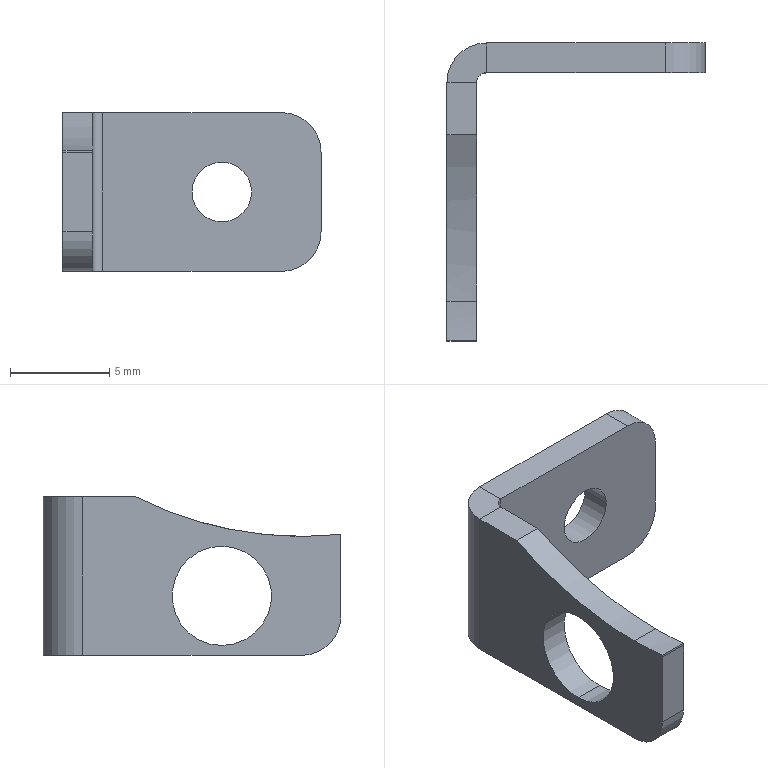Component | SolidWorks | ZHDJ-A0017-1 | 1 solid | 24 faces | box 13 x 15 x 8 mm | volume 245 mm3 | cylinder 12 | plane 12 | commonest cylinder face diameters 4 x5 37 x2 5 x2 3 x2 1 x1
STEP:
#1=COLOUR_RGB('',0.7922,0.8196,0.9333);
#2=FILL_AREA_STYLE_COLOUR('',#1);
#3=FILL_AREA_STYLE('',(#2));
#4=SURFACE_STYLE_FILL_AREA(#3);
#5=SURFACE_SIDE_STYLE('',(#4));
#6=SURFACE_STYLE_USAGE(.BOTH.,#5);
#7=PRESENTATION_STYLE_ASSIGNMENT((#6));
#8=CARTESIAN_POINT('',(0.2559,-0.07863,6.874));
#9=VERTEX_POINT('',#8);
#10=CARTESIAN_POINT('',(0.2559,0.,6.87));
#11=VERTEX_POINT('',#10);
#12=CARTESIAN_POINT('',(0.2559,0.,7.598));
#13=DIRECTION('',(1.,0.,-0.));
#14=DIRECTION('',(0.,-0.,1.));
#15=AXIS2_PLACEMENT_3D('',#12,#13,#14);
#16=CIRCLE('',#15,0.7283);
#17=EDGE_CURVE('',#9,#11,#16,.T.);
#18=ORIENTED_EDGE('',*,*,#17,.T.);
#19=CARTESIAN_POINT('',(0.1969,0.,6.87));
#20=VERTEX_POINT('',#19);
#21=CARTESIAN_POINT('',(0.7087,0.,6.87));
#22=DIRECTION('',(-1.,-0.,0.));
#23=VECTOR('',#22,39.37);
#24=LINE('',#21,#23);
#25=EDGE_CURVE('',#11,#20,#24,.T.);
#26=ORIENTED_EDGE('',*,*,#25,.T.);
#27=CARTESIAN_POINT('',(0.1969,-0.07862,6.874));
#28=VERTEX_POINT('',#27);
#29=CARTESIAN_POINT('',(0.1969,0.,6.87));
#30=CARTESIAN_POINT('',(0.1968,-0.02626,6.87));
#31=CARTESIAN_POINT('',(0.1968,-0.05252,6.872));
#32=CARTESIAN_POINT('',(0.1969,-0.07862,6.874));
#33=B_SPLINE_CURVE_WITH_KNOTS('',3,(#29,#30,#31,#32),.UNSPECIFIED.,.F.,.F.,(4,4),(0.8127,1.),.UNSPECIFIED.);
#34=EDGE_CURVE('',#20,#28,#33,.T.);
#35=ORIENTED_EDGE('',*,*,#34,.T.);
#36=CARTESIAN_POINT('',(0.4528,-0.07863,6.874));
#37=DIRECTION('',(1.,0.,-0.));
#38=VECTOR('',#37,39.37);
#39=LINE('',#36,#38);
#40=EDGE_CURVE('',#28,#9,#39,.T.);
#41=ORIENTED_EDGE('',*,*,#40,.T.);
#42=EDGE_LOOP('',(#18,#26,#35,#41));
#43=FACE_OUTER_BOUND('',#42,.T.);
#44=CARTESIAN_POINT('',(0.7087,0.,7.598));
#45=DIRECTION('',(-1.,-0.,0.));
#46=DIRECTION('',(0.,0.,-1.));
#47=AXIS2_PLACEMENT_3D('',#44,#45,#46);
#48=CYLINDRICAL_SURFACE('',#47,0.7283);
#49=ADVANCED_FACE('',(#43),#48,.F.);
#50=CARTESIAN_POINT('',(0.2559,0.1575,6.654));
#51=VERTEX_POINT('',#50);
#52=CARTESIAN_POINT('',(0.2559,0.1575,6.85));
#53=VERTEX_POINT('',#52);
#54=CARTESIAN_POINT('',(0.2559,0.1575,6.752));
#55=DIRECTION('',(1.,0.,-0.));
#56=DIRECTION('',(0.,0.,1.));
#57=AXIS2_PLACEMENT_3D('',#54,#55,#56);
#58=CIRCLE('',#57,0.09843);
#59=EDGE_CURVE('',#51,#53,#58,.T.);
#60=ORIENTED_EDGE('',*,*,#59,.T.);
#61=CARTESIAN_POINT('',(0.1969,0.1575,6.85));
#62=VERTEX_POINT('',#61);
#63=CARTESIAN_POINT('',(0.5906,0.1575,6.85));
#64=DIRECTION('',(-1.,-0.,0.));
#65=VECTOR('',#64,39.37);
#66=LINE('',#63,#65);
#67=EDGE_CURVE('',#53,#62,#66,.T.);
#68=ORIENTED_EDGE('',*,*,#67,.T.);
#69=CARTESIAN_POINT('',(0.1969,0.1575,6.654));
#70=VERTEX_POINT('',#69);
#71=CARTESIAN_POINT('',(0.1969,0.1575,6.752));
#72=DIRECTION('',(-1.,-0.,0.));
#73=DIRECTION('',(0.,0.,-1.));
#74=AXIS2_PLACEMENT_3D('',#71,#72,#73);
#75=CIRCLE('',#74,0.09843);
#76=EDGE_CURVE('',#62,#70,#75,.T.);
#77=ORIENTED_EDGE('',*,*,#76,.T.);
#78=CARTESIAN_POINT('',(0.5906,0.1575,6.654));
#79=DIRECTION('',(-1.,-0.,0.));
#80=VECTOR('',#79,39.37);
#81=LINE('',#78,#80);
#82=EDGE_CURVE('',#51,#70,#81,.T.);
#83=ORIENTED_EDGE('',*,*,#82,.F.);
#84=EDGE_LOOP('',(#60,#68,#77,#83));
#85=FACE_OUTER_BOUND('',#84,.T.);
#86=CARTESIAN_POINT('',(0.5906,0.1575,6.752));
#87=DIRECTION('',(-1.,-0.,0.));
#88=DIRECTION('',(0.,0.,-1.));
#89=AXIS2_PLACEMENT_3D('',#86,#87,#88);
#90=CYLINDRICAL_SURFACE('',#89,0.09843);
#91=ADVANCED_FACE('',(#85),#90,.F.);
#92=CARTESIAN_POINT('',(0.5709,0.5118,6.791));
#93=VERTEX_POINT('',#92);
#94=CARTESIAN_POINT('',(0.4528,0.5118,6.791));
#95=VERTEX_POINT('',#94);
#96=CARTESIAN_POINT('',(0.5118,0.5118,6.791));
#97=DIRECTION('',(0.,-1.,0.));
#98=DIRECTION('',(-1.,0.,0.));
#99=AXIS2_PLACEMENT_3D('',#96,#97,#98);
#100=CIRCLE('',#99,0.05906);
#101=EDGE_CURVE('',#93,#95,#100,.T.);
#102=ORIENTED_EDGE('',*,*,#101,.F.);
#103=CARTESIAN_POINT('',(0.5709,0.4528,6.791));
#104=VERTEX_POINT('',#103);
#105=CARTESIAN_POINT('',(0.5709,0.8465,6.791));
#106=DIRECTION('',(0.,-1.,0.));
#107=VECTOR('',#106,39.37);
#108=LINE('',#105,#107);
#109=EDGE_CURVE('',#93,#104,#108,.T.);
#110=ORIENTED_EDGE('',*,*,#109,.T.);
#111=CARTESIAN_POINT('',(0.4528,0.4528,6.791));
#112=VERTEX_POINT('',#111);
#113=CARTESIAN_POINT('',(0.5118,0.4528,6.791));
#114=DIRECTION('',(0.,-1.,0.));
#115=DIRECTION('',(-1.,0.,0.));
#116=AXIS2_PLACEMENT_3D('',#113,#114,#115);
#117=CIRCLE('',#116,0.05906);
#118=EDGE_CURVE('',#104,#112,#117,.T.);
#119=ORIENTED_EDGE('',*,*,#118,.T.);
#120=CARTESIAN_POINT('',(0.4528,0.8465,6.791));
#121=DIRECTION('',(0.,-1.,0.));
#122=VECTOR('',#121,39.37);
#123=LINE('',#120,#122);
#124=EDGE_CURVE('',#95,#112,#123,.T.);
#125=ORIENTED_EDGE('',*,*,#124,.F.);
#126=EDGE_LOOP('',(#102,#110,#119,#125));
#127=FACE_OUTER_BOUND('',#126,.T.);
#128=CARTESIAN_POINT('',(0.5118,0.8465,6.791));
#129=DIRECTION('',(0.,-1.,0.));
#130=DIRECTION('',(-1.,0.,0.));
#131=AXIS2_PLACEMENT_3D('',#128,#129,#130);
#132=CYLINDRICAL_SURFACE('',#131,0.05906);
#133=ADVANCED_FACE('',(#127),#132,.F.);
#134=CARTESIAN_POINT('',(0.1969,0.1575,6.752));
#135=DIRECTION('',(-1.,-0.,0.));
#136=DIRECTION('',(0.,0.,-1.));
#137=AXIS2_PLACEMENT_3D('',#134,#135,#136);
#138=CIRCLE('',#137,0.09843);
#139=EDGE_CURVE('',#70,#62,#138,.T.);
#140=ORIENTED_EDGE('',*,*,#139,.F.);
#141=ORIENTED_EDGE('',*,*,#76,.F.);
#142=EDGE_LOOP('',(#140,#141));
#143=FACE_BOUND('',#142,.T.);
#144=CARTESIAN_POINT('',(0.1969,0.3295,6.949));
#145=VERTEX_POINT('',#144);
#146=CARTESIAN_POINT('',(0.1969,0.3295,6.949));
#147=CARTESIAN_POINT('',(0.1968,0.2786,6.923));
#148=CARTESIAN_POINT('',(0.1968,0.2248,6.903));
#149=CARTESIAN_POINT('',(0.1968,0.1139,6.877));
#150=CARTESIAN_POINT('',(0.1968,0.05698,6.87));
#151=CARTESIAN_POINT('',(0.1969,0.,6.87));
#152=B_SPLINE_CURVE_WITH_KNOTS('',3,(#146,#147,#148,#149,#150,#151),.UNSPECIFIED.,.F.,.F.,(4,2,4),(0.,0.4064,0.8127),.UNSPECIFIED.);
#153=EDGE_CURVE('',#145,#20,#152,.T.);
#154=ORIENTED_EDGE('',*,*,#153,.F.);
#155=CARTESIAN_POINT('',(0.1969,0.4331,6.949));
#156=VERTEX_POINT('',#155);
#157=CARTESIAN_POINT('',(0.1969,0.4528,6.949));
#158=DIRECTION('',(-0.,1.,0.));
#159=VECTOR('',#158,39.37);
#160=LINE('',#157,#159);
#161=EDGE_CURVE('',#145,#156,#160,.T.);
#162=ORIENTED_EDGE('',*,*,#161,.T.);
#163=CARTESIAN_POINT('',(0.1969,0.4331,6.634));
#164=VERTEX_POINT('',#163);
#165=CARTESIAN_POINT('',(0.1969,0.4331,6.949));
#166=DIRECTION('',(0.,-0.,1.));
#167=VECTOR('',#166,39.37);
#168=LINE('',#165,#167);
#169=EDGE_CURVE('',#164,#156,#168,.T.);
#170=ORIENTED_EDGE('',*,*,#169,.F.);
#171=CARTESIAN_POINT('',(0.1969,0.,6.634));
#172=VERTEX_POINT('',#171);
#173=CARTESIAN_POINT('',(0.1969,0.4528,6.634));
#174=DIRECTION('',(0.,-1.,0.));
#175=VECTOR('',#174,39.37);
#176=LINE('',#173,#175);
#177=EDGE_CURVE('',#164,#172,#176,.T.);
#178=ORIENTED_EDGE('',*,*,#177,.T.);
#179=CARTESIAN_POINT('',(0.1969,-0.07874,6.713));
#180=VERTEX_POINT('',#179);
#181=CARTESIAN_POINT('',(0.1969,0.,6.713));
#182=DIRECTION('',(-1.,-0.,0.));
#183=DIRECTION('',(0.,-0.,1.));
#184=AXIS2_PLACEMENT_3D('',#181,#182,#183);
#185=CIRCLE('',#184,0.07874);
#186=EDGE_CURVE('',#172,#180,#185,.T.);
#187=ORIENTED_EDGE('',*,*,#186,.T.);
#188=CARTESIAN_POINT('',(0.1969,-0.07874,6.87));
#189=VERTEX_POINT('',#188);
#190=CARTESIAN_POINT('',(0.1969,-0.07874,6.791));
#191=DIRECTION('',(0.,-0.,1.));
#192=VECTOR('',#191,39.37);
#193=LINE('',#190,#192);
#194=EDGE_CURVE('',#180,#189,#193,.T.);
#195=ORIENTED_EDGE('',*,*,#194,.T.);
#196=CARTESIAN_POINT('',(0.1969,0.,6.87));
#197=DIRECTION('',(-1.,-0.,0.));
#198=DIRECTION('',(0.,0.,1.));
#199=AXIS2_PLACEMENT_3D('',#196,#197,#198);
#200=CIRCLE('',#199,0.07874);
#201=EDGE_CURVE('',#189,#28,#200,.T.);
#202=ORIENTED_EDGE('',*,*,#201,.T.);
#203=ORIENTED_EDGE('',*,*,#34,.F.);
#204=EDGE_LOOP('',(#154,#162,#170,#178,#187,#195,#202,#203));
#205=FACE_OUTER_BOUND('',#204,.T.);
#206=CARTESIAN_POINT('',(0.1969,0.4528,6.791));
#207=DIRECTION('',(1.,0.,-0.));
#208=DIRECTION('',(0.,-0.,1.));
#209=AXIS2_PLACEMENT_3D('',#206,#207,#208);
#210=PLANE('',#209);
#211=ADVANCED_FACE('',(#143,#205),#210,.F.);
#212=CARTESIAN_POINT('',(0.5118,0.5118,6.791));
#213=DIRECTION('',(0.,-1.,0.));
#214=DIRECTION('',(-1.,0.,0.));
#215=AXIS2_PLACEMENT_3D('',#212,#213,#214);
#216=CIRCLE('',#215,0.05906);
#217=EDGE_CURVE('',#95,#93,#216,.T.);
#218=ORIENTED_EDGE('',*,*,#217,.T.);
#219=ORIENTED_EDGE('',*,*,#101,.T.);
#220=EDGE_LOOP('',(#218,#219));
#221=FACE_BOUND('',#220,.T.);
#222=CARTESIAN_POINT('',(0.7087,0.5118,6.713));
#223=VERTEX_POINT('',#222);
#224=CARTESIAN_POINT('',(0.7087,0.5118,6.87));
#225=VERTEX_POINT('',#224);
#226=CARTESIAN_POINT('',(0.7087,0.5118,6.634));
#227=DIRECTION('',(0.,-0.,1.));
#228=VECTOR('',#227,39.37);
#229=LINE('',#226,#228);
#230=EDGE_CURVE('',#223,#225,#229,.T.);
#231=ORIENTED_EDGE('',*,*,#230,.F.);
#232=CARTESIAN_POINT('',(0.6299,0.5118,6.634));
#233=VERTEX_POINT('',#232);
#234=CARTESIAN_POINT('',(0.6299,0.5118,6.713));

--------------------

» Directions
Leaving out the pictures, restate each line of the listing above verbatim, from the opening line to the line bearing "#2=FILL_AREA_STYLE_COLOUR('',#1);", inclusive, and no more.

» Answer box
Component | SolidWorks | ZHDJ-A0017-1 | 1 solid | 24 faces | box 13 x 15 x 8 mm | volume 245 mm3 | cylinder 12 | plane 12 | commonest cylinder face diameters 4 x5 37 x2 5 x2 3 x2 1 x1
STEP:
#1=COLOUR_RGB('',0.7922,0.8196,0.9333);
#2=FILL_AREA_STYLE_COLOUR('',#1);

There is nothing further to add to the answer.